_DATA EXTRACT_
Content starts

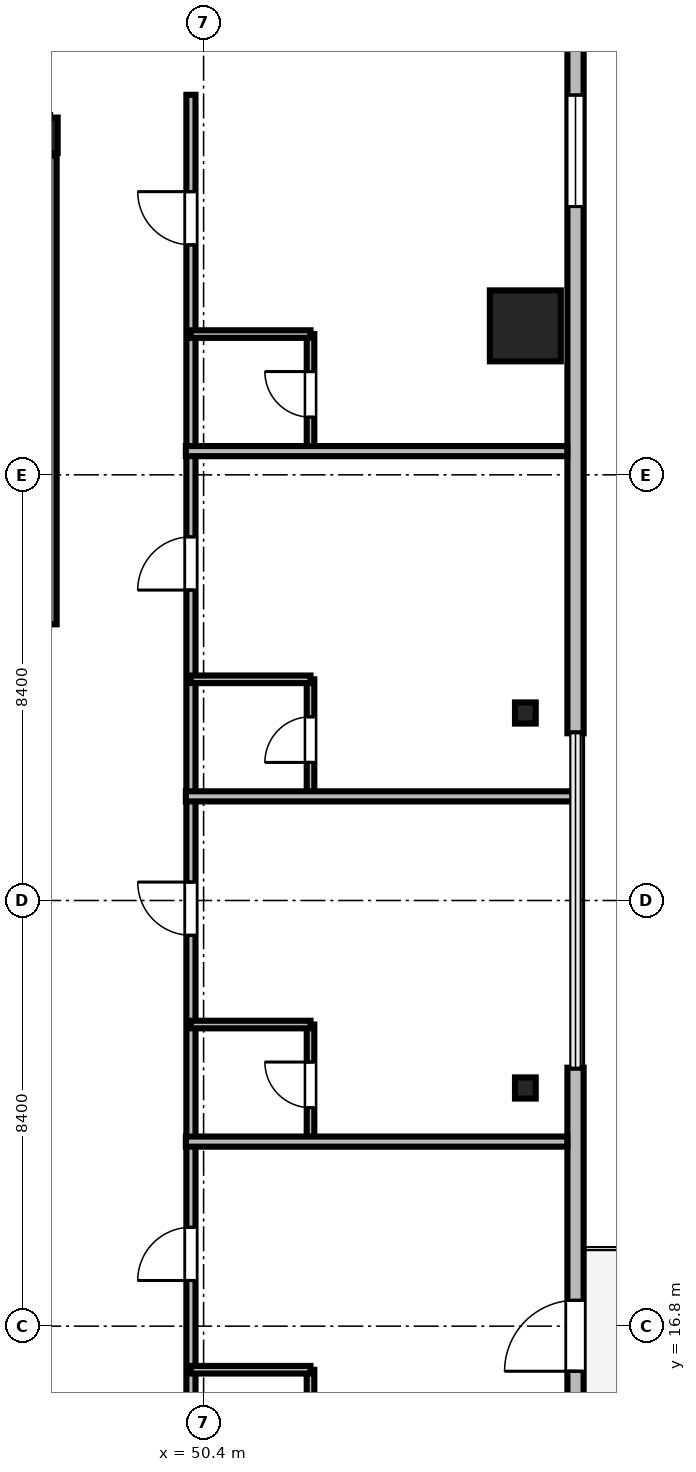
"""IFC4 building model, lengths in metres.
Left out: names, types, materials, properties, quantities, classifications, styles, units other than length and angle.
Written with IfcOpenShell. Run it as: python <this file> out.ifc"""

import sys

from ifc_helpers import new_model, si_unit, direction, frame, frame_2d, origin, origin_2d, place, context, subcontext, project, spatial, rectangle, i_section, extrude, source, transform, mapped, element, fill, save


model = new_model("IFC4")
c1 = context("Model", 3, precision=1e-05, world=origin(), true_north=direction((0.0, 1.0)))
c2 = subcontext(c1, "Body", "Model", "MODEL_VIEW")
j1 = project(units=[si_unit("LENGTHUNIT", "METRE"), si_unit("PLANEANGLEUNIT", "RADIAN")], contexts=[c1])
p1 = place(None, origin())
s1 = spatial("IfcSite", under=j1, at=p1, CompositionType="ELEMENT")
p2 = place(p1, origin())
s2 = spatial("IfcBuilding", under=s1, at=p2, CompositionType="ELEMENT")
p3 = place(p2, frame((0.0, 0.0, 229.8)))
s3 = spatial("IfcBuildingStorey", under=s2, at=p3, CompositionType="ELEMENT", Elevation=229.8)
m1 = source(origin(), c2, "Body", "SweptSolid", [
    extrude(i_section(OverallWidth=0.3, OverallDepth=0.7, WebThickness=0.017, FlangeThickness=0.032, FilletRadius=0.027, at=origin_2d()), origin(), (0.0, 0.0, 1.0), 3.53),
])
p4 = place(p3, frame((47.37, 40.3, 0.0), z_axis=(0.0, 0.0, 1.0), x_axis=(1.0, 0.0, 0.0)))
e1 = element("IfcColumn", 1, at=p4, inside=s3, PredefinedType="COLUMN", context=c2, shape_type="MappedRepresentation", body=[
    mapped(m1, transform((0.0, 0.0, 0.0), scale=1.0)),
])
m2 = source(origin(), c2, "Body", "SweptSolid", [
    extrude(rectangle(XDim=1.4, YDim=1.4, at=origin_2d()), origin(), (0.0, 0.0, 1.0), 3.53),
])
p5 = place(p3, frame((56.75, 36.54, 0.0), z_axis=(0.0, 0.0, 1.0), x_axis=(1.0, 0.0, 0.0)))
e2 = element("IfcColumn", 2, at=p5, inside=s3, PredefinedType="COLUMN", context=c2, shape_type="MappedRepresentation", body=[
    mapped(m2, transform((0.0, 0.0, 0.0), scale=1.0)),
])
m3 = source(origin(), c2, "Body", "SweptSolid", [
    extrude(i_section(OverallWidth=0.409, OverallDepth=0.417, WebThickness=0.021, FlangeThickness=0.033, FilletRadius=0.015, at=origin_2d()), origin(), (0.0, 0.0, 1.0), 3.53),
])
for number, where, z_axis, x_axis in (
    (3, (56.75, 21.5, 0.0), (0.0, 0.0, 1.0), (1.0, 0.0, 0.0)),
    (4, (56.75, 28.9, 0.0), (0.0, 0.0, 1.0), (1.0, 0.0, 0.0)),
):
    element("IfcColumn", number, at=place(p3, frame(where, z_axis=z_axis, x_axis=x_axis)), inside=s3, PredefinedType="COLUMN", context=c2, shape_type="MappedRepresentation", body=[
        mapped(m3, transform((0.0, 0.0, 0.0), scale=1.0)),
    ])
m4 = source(origin(), c2, "Body", "SweptSolid", [
    extrude(rectangle(XDim=15.6, YDim=0.32, at=frame_2d((7.8, 0.0))), origin(), (0.0, 0.0, 1.0), 3.53),
])
p6 = place(p3, frame((57.74, 6.3, 0.0), z_axis=(0.0, 0.0, 1.0), x_axis=(0.0, 1.0, 0.0)))
e5 = element("IfcWall", 5, at=p6, inside=s3, PredefinedType="SOLIDWALL", context=c2, shape_type="MappedRepresentation", body=[
    mapped(m4, transform((0.0, 0.0, 0.0), scale=1.0)),
])
m5 = source(origin(), c2, "Body", "SweptSolid", [
    extrude(rectangle(XDim=1.4, YDim=2.3, at=frame_2d((0.7, 1.15))), frame((0.0, 0.17, 0.0), z_axis=(0.0, -1.0, 0.0), x_axis=(1.0, 0.0, 0.0)), (0.0, 0.0, 1.0), 0.34),
])
p7 = place(p6, frame((9.61, 0.0, 0.0)))
e6 = element("IfcOpeningElement", 6, at=p7, cuts=e5, PredefinedType="OPENING", context=c2, shape_type="MappedRepresentation", body=[
    mapped(m5, transform((0.0, 0.0, 0.0), scale=1.0)),
])
m6 = source(origin(), c2, "Body", "SweptSolid", [
    extrude(rectangle(XDim=2.2, YDim=2.4, at=frame_2d((1.1, 1.2))), frame((0.0, 0.17, 0.0), z_axis=(0.0, -1.0, 0.0), x_axis=(1.0, 0.0, 0.0)), (0.0, 0.0, 1.0), 0.34),
])
p8 = place(p6, frame((3.005, 0.0, 0.72)))
e7 = element("IfcOpeningElement", 7, at=p8, cuts=e5, PredefinedType="OPENING", context=c2, shape_type="MappedRepresentation", body=[
    mapped(m6, transform((0.0, 0.0, 0.0), scale=1.0)),
])
m7 = source(origin(), c2, "Body", "SweptSolid", [
    extrude(rectangle(XDim=15.6, YDim=0.32, at=frame_2d((7.8, 0.0))), origin(), (0.0, 0.0, 1.0), 3.53),
])
p9 = place(p3, frame((57.74, 28.5, 0.0), z_axis=(0.0, 0.0, 1.0), x_axis=(0.0, 1.0, 0.0)))
e8 = element("IfcWall", 8, at=p9, inside=s3, PredefinedType="SOLIDWALL", context=c2, shape_type="MappedRepresentation", body=[
    mapped(m7, transform((0.0, 0.0, 0.0), scale=1.0)),
])
p10 = place(p9, frame((10.395, 0.0, 0.72)))
e9 = element("IfcOpeningElement", 9, at=p10, cuts=e8, PredefinedType="OPENING", context=c2, shape_type="MappedRepresentation", body=[
    mapped(m6, transform((0.0, 0.0, 0.0), scale=1.0)),
])
m8 = source(origin(), c2, "Body", "SweptSolid", [
    extrude(rectangle(XDim=9.25, YDim=0.25, at=frame_2d((4.625, 0.0))), origin(), (0.0, 0.0, 1.0), 3.55),
])
p11 = place(p3, frame((47.375, 30.65, 0.0), z_axis=(0.0, 0.0, 1.0), x_axis=(0.0, 1.0, 0.0)))
e10 = element("IfcWall", 10, at=p11, inside=s3, PredefinedType="SOLIDWALL", context=c2, shape_type="MappedRepresentation", body=[
    mapped(m8, transform((0.0, 0.0, 0.0), scale=1.0)),
])
m9 = source(origin(), c2, "Body", "SweptSolid", [
    extrude(rectangle(XDim=27.47, YDim=0.18, at=frame_2d((13.735, 0.0))), origin(), (0.0, 0.0, 1.0), 2.972),
])
p12 = place(p3, frame((50.15, 13.63, 0.0), z_axis=(0.0, 0.0, 1.0), x_axis=(0.0, 1.0, 0.0)))
e11 = element("IfcWall", 11, at=p12, inside=s3, PredefinedType="PARTITIONING", context=c2, shape_type="MappedRepresentation", body=[
    mapped(m9, transform((0.0, 0.0, 0.0), scale=1.0)),
])
m10 = source(origin(), c2, "Body", "SweptSolid", [
    extrude(rectangle(XDim=1.05, YDim=2.2, at=frame_2d((0.525, 1.1))), frame((0.0, 0.1, 0.0), z_axis=(0.0, -1.0, 0.0), x_axis=(1.0, 0.0, 0.0)), (0.0, 0.0, 1.0), 0.2),
])
p13 = place(p12, frame((4.071, 0.0, 0.0)))
e12 = element("IfcOpeningElement", 12, at=p13, cuts=e11, PredefinedType="OPENING", context=c2, shape_type="MappedRepresentation", body=[
    mapped(m10, transform((0.0, 0.0, 0.0), scale=1.0)),
])
p14 = place(p12, frame((10.884, 0.0, 0.0)))
e13 = element("IfcOpeningElement", 13, at=p14, cuts=e11, PredefinedType="OPENING", context=c2, shape_type="MappedRepresentation", body=[
    mapped(m10, transform((0.0, 0.0, 0.0), scale=1.0)),
])
p15 = place(p12, frame((17.696, 0.0, 0.0)))
e14 = element("IfcOpeningElement", 14, at=p15, cuts=e11, PredefinedType="OPENING", context=c2, shape_type="MappedRepresentation", body=[
    mapped(m10, transform((0.0, 0.0, 0.0), scale=1.0)),
])
p16 = place(p12, frame((24.509, 0.0, 0.0)))
e15 = element("IfcOpeningElement", 15, at=p16, cuts=e11, PredefinedType="OPENING", context=c2, shape_type="MappedRepresentation", body=[
    mapped(m10, transform((0.0, 0.0, 0.0), scale=1.0)),
])
m11 = source(origin(), c2, "Body", "SweptSolid", [
    extrude(rectangle(XDim=2.29, YDim=0.15, at=frame_2d((1.145, 0.0))), origin(), (0.0, 0.0, 1.0), 2.972),
])
p17 = place(p3, frame((52.51, 13.65, 0.0), z_axis=(0.0, 0.0, 1.0), x_axis=(0.0, 1.0, 0.0)))
e16 = element("IfcWall", 16, at=p17, inside=s3, PredefinedType="PARTITIONING", context=c2, shape_type="MappedRepresentation", body=[
    mapped(m11, transform((0.0, 0.0, 0.0), scale=1.0)),
])
m12 = source(origin(), c2, "Body", "SweptSolid", [
    extrude(rectangle(XDim=0.9, YDim=2.1, at=frame_2d((0.45, 1.05))), frame((0.0, 0.085, 0.0), z_axis=(0.0, -1.0, 0.0), x_axis=(1.0, 0.0, 0.0)), (0.0, 0.0, 1.0), 0.17),
])
p18 = place(p17, frame((0.65, 0.0, 0.0)))
e17 = element("IfcOpeningElement", 17, at=p18, cuts=e16, PredefinedType="OPENING", context=c2, shape_type="MappedRepresentation", body=[
    mapped(m12, transform((0.0, 0.0, 0.0), scale=1.0)),
])
m13 = source(origin(), c2, "Body", "SweptSolid", [
    extrude(rectangle(XDim=2.29, YDim=0.15, at=frame_2d((1.145, 0.0))), origin(), (0.0, 0.0, 1.0), 3.53),
])
p19 = place(p3, frame((52.51, 20.462, 0.0), z_axis=(0.0, 0.0, 1.0), x_axis=(0.0, 1.0, 0.0)))
e18 = element("IfcWall", 18, at=p19, inside=s3, PredefinedType="PARTITIONING", context=c2, shape_type="MappedRepresentation", body=[
    mapped(m13, transform((0.0, 0.0, 0.0), scale=1.0)),
])
p20 = place(p19, frame((0.65, 0.0, 0.0)))
e19 = element("IfcOpeningElement", 19, at=p20, cuts=e18, PredefinedType="OPENING", context=c2, shape_type="MappedRepresentation", body=[
    mapped(m12, transform((0.0, 0.0, 0.0), scale=1.0)),
])
p21 = place(p3, frame((52.51, 27.275, 0.0), z_axis=(0.0, 0.0, 1.0), x_axis=(0.0, 1.0, 0.0)))
e20 = element("IfcWall", 20, at=p21, inside=s3, PredefinedType="PARTITIONING", context=c2, shape_type="MappedRepresentation", body=[
    mapped(m11, transform((0.0, 0.0, 0.0), scale=1.0)),
])
p22 = place(p21, frame((0.65, 0.0, 0.0)))
e21 = element("IfcOpeningElement", 21, at=p22, cuts=e20, PredefinedType="OPENING", context=c2, shape_type="MappedRepresentation", body=[
    mapped(m12, transform((0.0, 0.0, 0.0), scale=1.0)),
])
p23 = place(p3, frame((52.51, 34.088, 0.0), z_axis=(0.0, 0.0, 1.0), x_axis=(0.0, 1.0, 0.0)))
e22 = element("IfcWall", 22, at=p23, inside=s3, PredefinedType="PARTITIONING", context=c2, shape_type="MappedRepresentation", body=[
    mapped(m13, transform((0.0, 0.0, 0.0), scale=1.0)),
])
p24 = place(p23, frame((0.65, 0.0, 0.0)))
e23 = element("IfcOpeningElement", 23, at=p24, cuts=e22, PredefinedType="OPENING", context=c2, shape_type="MappedRepresentation", body=[
    mapped(m12, transform((0.0, 0.0, 0.0), scale=1.0)),
])
m14 = source(origin(), c2, "Body", "SweptSolid", [
    extrude(rectangle(XDim=7.528, YDim=0.2, at=frame_2d((3.764, 0.0))), origin(), (0.0, 0.0, 1.0), 2.772),
])
p25 = place(p3, frame((50.05, 20.442, 0.0), z_axis=(0.0, 0.0, 1.0), x_axis=(1.0, 0.0, 0.0)))
e24 = element("IfcWall", 24, at=p25, inside=s3, PredefinedType="PARTITIONING", context=c2, shape_type="MappedRepresentation", body=[
    mapped(m14, transform((0.0, 0.0, 0.0), scale=1.0)),
])
m15 = source(origin(), c2, "Body", "SweptSolid", [
    extrude(rectangle(XDim=7.72, YDim=0.2, at=frame_2d((3.86, 0.0))), origin(), (0.0, 0.0, 1.0), 2.772),
])
p26 = place(p3, frame((50.05, 27.255, 0.0), z_axis=(0.0, 0.0, 1.0), x_axis=(1.0, 0.0, 0.0)))
e25 = element("IfcWall", 25, at=p26, inside=s3, PredefinedType="PARTITIONING", context=c2, shape_type="MappedRepresentation", body=[
    mapped(m15, transform((0.0, 0.0, 0.0), scale=1.0)),
])
p27 = place(p3, frame((50.05, 34.068, 0.0), z_axis=(0.0, 0.0, 1.0), x_axis=(1.0, 0.0, 0.0)))
e26 = element("IfcWall", 26, at=p27, inside=s3, PredefinedType="PARTITIONING", context=c2, shape_type="MappedRepresentation", body=[
    mapped(m14, transform((0.0, 0.0, 0.0), scale=1.0)),
])
m16 = source(origin(), c2, "Body", "SweptSolid", [
    extrude(rectangle(XDim=2.36, YDim=0.15, at=frame_2d((1.18, 0.0))), origin(), (0.0, 0.0, 1.0), 3.53),
])
for number, where, z_axis, x_axis in (
    (27, (50.15, 15.94, 0.0), (0.0, 0.0, 1.0), (1.0, 0.0, 0.0)),
    (28, (50.15, 22.752, 0.0), (0.0, 0.0, 1.0), (1.0, 0.0, 0.0)),
    (29, (50.15, 29.565, 0.0), (0.0, 0.0, 1.0), (1.0, 0.0, 0.0)),
    (30, (50.15, 36.378, 0.0), (0.0, 0.0, 1.0), (1.0, 0.0, 0.0)),
):
    element("IfcWall", number, at=place(p3, frame(where, z_axis=z_axis, x_axis=x_axis)), inside=s3, PredefinedType="PARTITIONING", context=c2, shape_type="MappedRepresentation", body=[
        mapped(m16, transform((0.0, 0.0, 0.0), scale=1.0)),
    ])
m17 = source(origin(), c2, "Body", "SweptSolid", [
    extrude(rectangle(XDim=1.4, YDim=2.3, at=frame_2d((0.7, 1.15))), frame((0.0, 0.025, 0.0), z_axis=(0.0, -1.0, 0.0), x_axis=(1.0, 0.0, 0.0)), (0.0, 0.0, 1.0), 0.05),
])
p28 = place(p7, frame((1.4, 0.0, 0.0), z_axis=(0.0, 0.0, 1.0), x_axis=(-1.0, 0.0, 0.0)))
e31 = element("IfcDoor", 31, at=p28, inside=s3, OperationType="DOUBLE_DOOR_SLIDING", PredefinedType="DOOR", context=c2, shape_type="MappedRepresentation", body=[
    mapped(m17, transform((0.0, 0.0, 0.0), scale=1.0)),
])
fill(e6, e31)
m18 = source(origin(), c2, "Body", "SweptSolid", [
    extrude(rectangle(XDim=2.2, YDim=2.4, at=frame_2d((1.1, 1.2))), frame((0.0, 0.03, 0.0), z_axis=(0.0, -1.0, 0.0), x_axis=(1.0, 0.0, 0.0)), (0.0, 0.0, 1.0), 0.06),
])
p29 = place(p10, origin())
e32 = element("IfcWindow", 32, at=p29, inside=s3, PartitioningType="SINGLE_PANEL", PredefinedType="WINDOW", context=c2, shape_type="MappedRepresentation", body=[
    mapped(m18, transform((0.0, 0.0, 0.0), scale=1.0)),
])
fill(e9, e32)
m19 = source(origin(), c2, "Body", "SweptSolid", [
    extrude(rectangle(XDim=1.05, YDim=2.2, at=frame_2d((0.525, 1.1))), frame((0.0, 0.025, 0.0), z_axis=(0.0, -1.0, 0.0), x_axis=(1.0, 0.0, 0.0)), (0.0, 0.0, 1.0), 0.05),
])
p30 = place(p13, origin())
e33 = element("IfcDoor", 33, at=p30, inside=s3, OperationType="SINGLE_SWING_LEFT", PredefinedType="DOOR", context=c2, shape_type="MappedRepresentation", body=[
    mapped(m19, transform((0.0, 0.0, 0.0), scale=1.0)),
])
fill(e12, e33)
p31 = place(p14, origin())
e34 = element("IfcDoor", 34, at=p31, inside=s3, OperationType="SINGLE_SWING_RIGHT", PredefinedType="DOOR", context=c2, shape_type="MappedRepresentation", body=[
    mapped(m19, transform((0.0, 0.0, 0.0), scale=1.0)),
])
fill(e13, e34)
p32 = place(p15, origin())
e35 = element("IfcDoor", 35, at=p32, inside=s3, OperationType="SINGLE_SWING_LEFT", PredefinedType="DOOR", context=c2, shape_type="MappedRepresentation", body=[
    mapped(m19, transform((0.0, 0.0, 0.0), scale=1.0)),
])
fill(e14, e35)
p33 = place(p16, origin())
e36 = element("IfcDoor", 36, at=p33, inside=s3, OperationType="SINGLE_SWING_RIGHT", PredefinedType="DOOR", context=c2, shape_type="MappedRepresentation", body=[
    mapped(m19, transform((0.0, 0.0, 0.0), scale=1.0)),
])
fill(e15, e36)
m20 = source(origin(), c2, "Body", "SweptSolid", [
    extrude(rectangle(XDim=0.9, YDim=2.1, at=frame_2d((0.45, 1.05))), frame((0.0, 0.025, 0.0), z_axis=(0.0, -1.0, 0.0), x_axis=(1.0, 0.0, 0.0)), (0.0, 0.0, 1.0), 0.05),
])
p34 = place(p20, origin())
e37 = element("IfcDoor", 37, at=p34, inside=s3, OperationType="SINGLE_SWING_RIGHT", PredefinedType="DOOR", context=c2, shape_type="MappedRepresentation", body=[
    mapped(m20, transform((0.0, 0.0, 0.0), scale=1.0)),
])
fill(e19, e37)
p35 = place(p22, origin())
e38 = element("IfcDoor", 38, at=p35, inside=s3, OperationType="SINGLE_SWING_LEFT", PredefinedType="DOOR", context=c2, shape_type="MappedRepresentation", body=[
    mapped(m20, transform((0.0, 0.0, 0.0), scale=1.0)),
])
fill(e21, e38)
p36 = place(p24, origin())
e39 = element("IfcDoor", 39, at=p36, inside=s3, OperationType="SINGLE_SWING_RIGHT", PredefinedType="DOOR", context=c2, shape_type="MappedRepresentation", body=[
    mapped(m20, transform((0.0, 0.0, 0.0), scale=1.0)),
])
fill(e23, e39)
save(model, sys.argv[1])

Content ends

_REQUIRED WORK_
Go from the first line of the listing to the line holding "world=origin(), true_north=direction((0.0, 1.0)))" and, please, transcribe those lines exactly, both included, with no pictures.

_WORKED SOLUTION_
"""IFC4 building model, lengths in metres.
Left out: names, types, materials, properties, quantities, classifications, styles, units other than length and angle.
Written with IfcOpenShell. Run it as: python <this file> out.ifc"""

import sys

from ifc_helpers import new_model, si_unit, direction, frame, frame_2d, origin, origin_2d, place, context, subcontext, project, spatial, rectangle, i_section, extrude, source, transform, mapped, element, fill, save


model = new_model("IFC4")
c1 = context("Model", 3, precision=1e-05, world=origin(), true_north=direction((0.0, 1.0)))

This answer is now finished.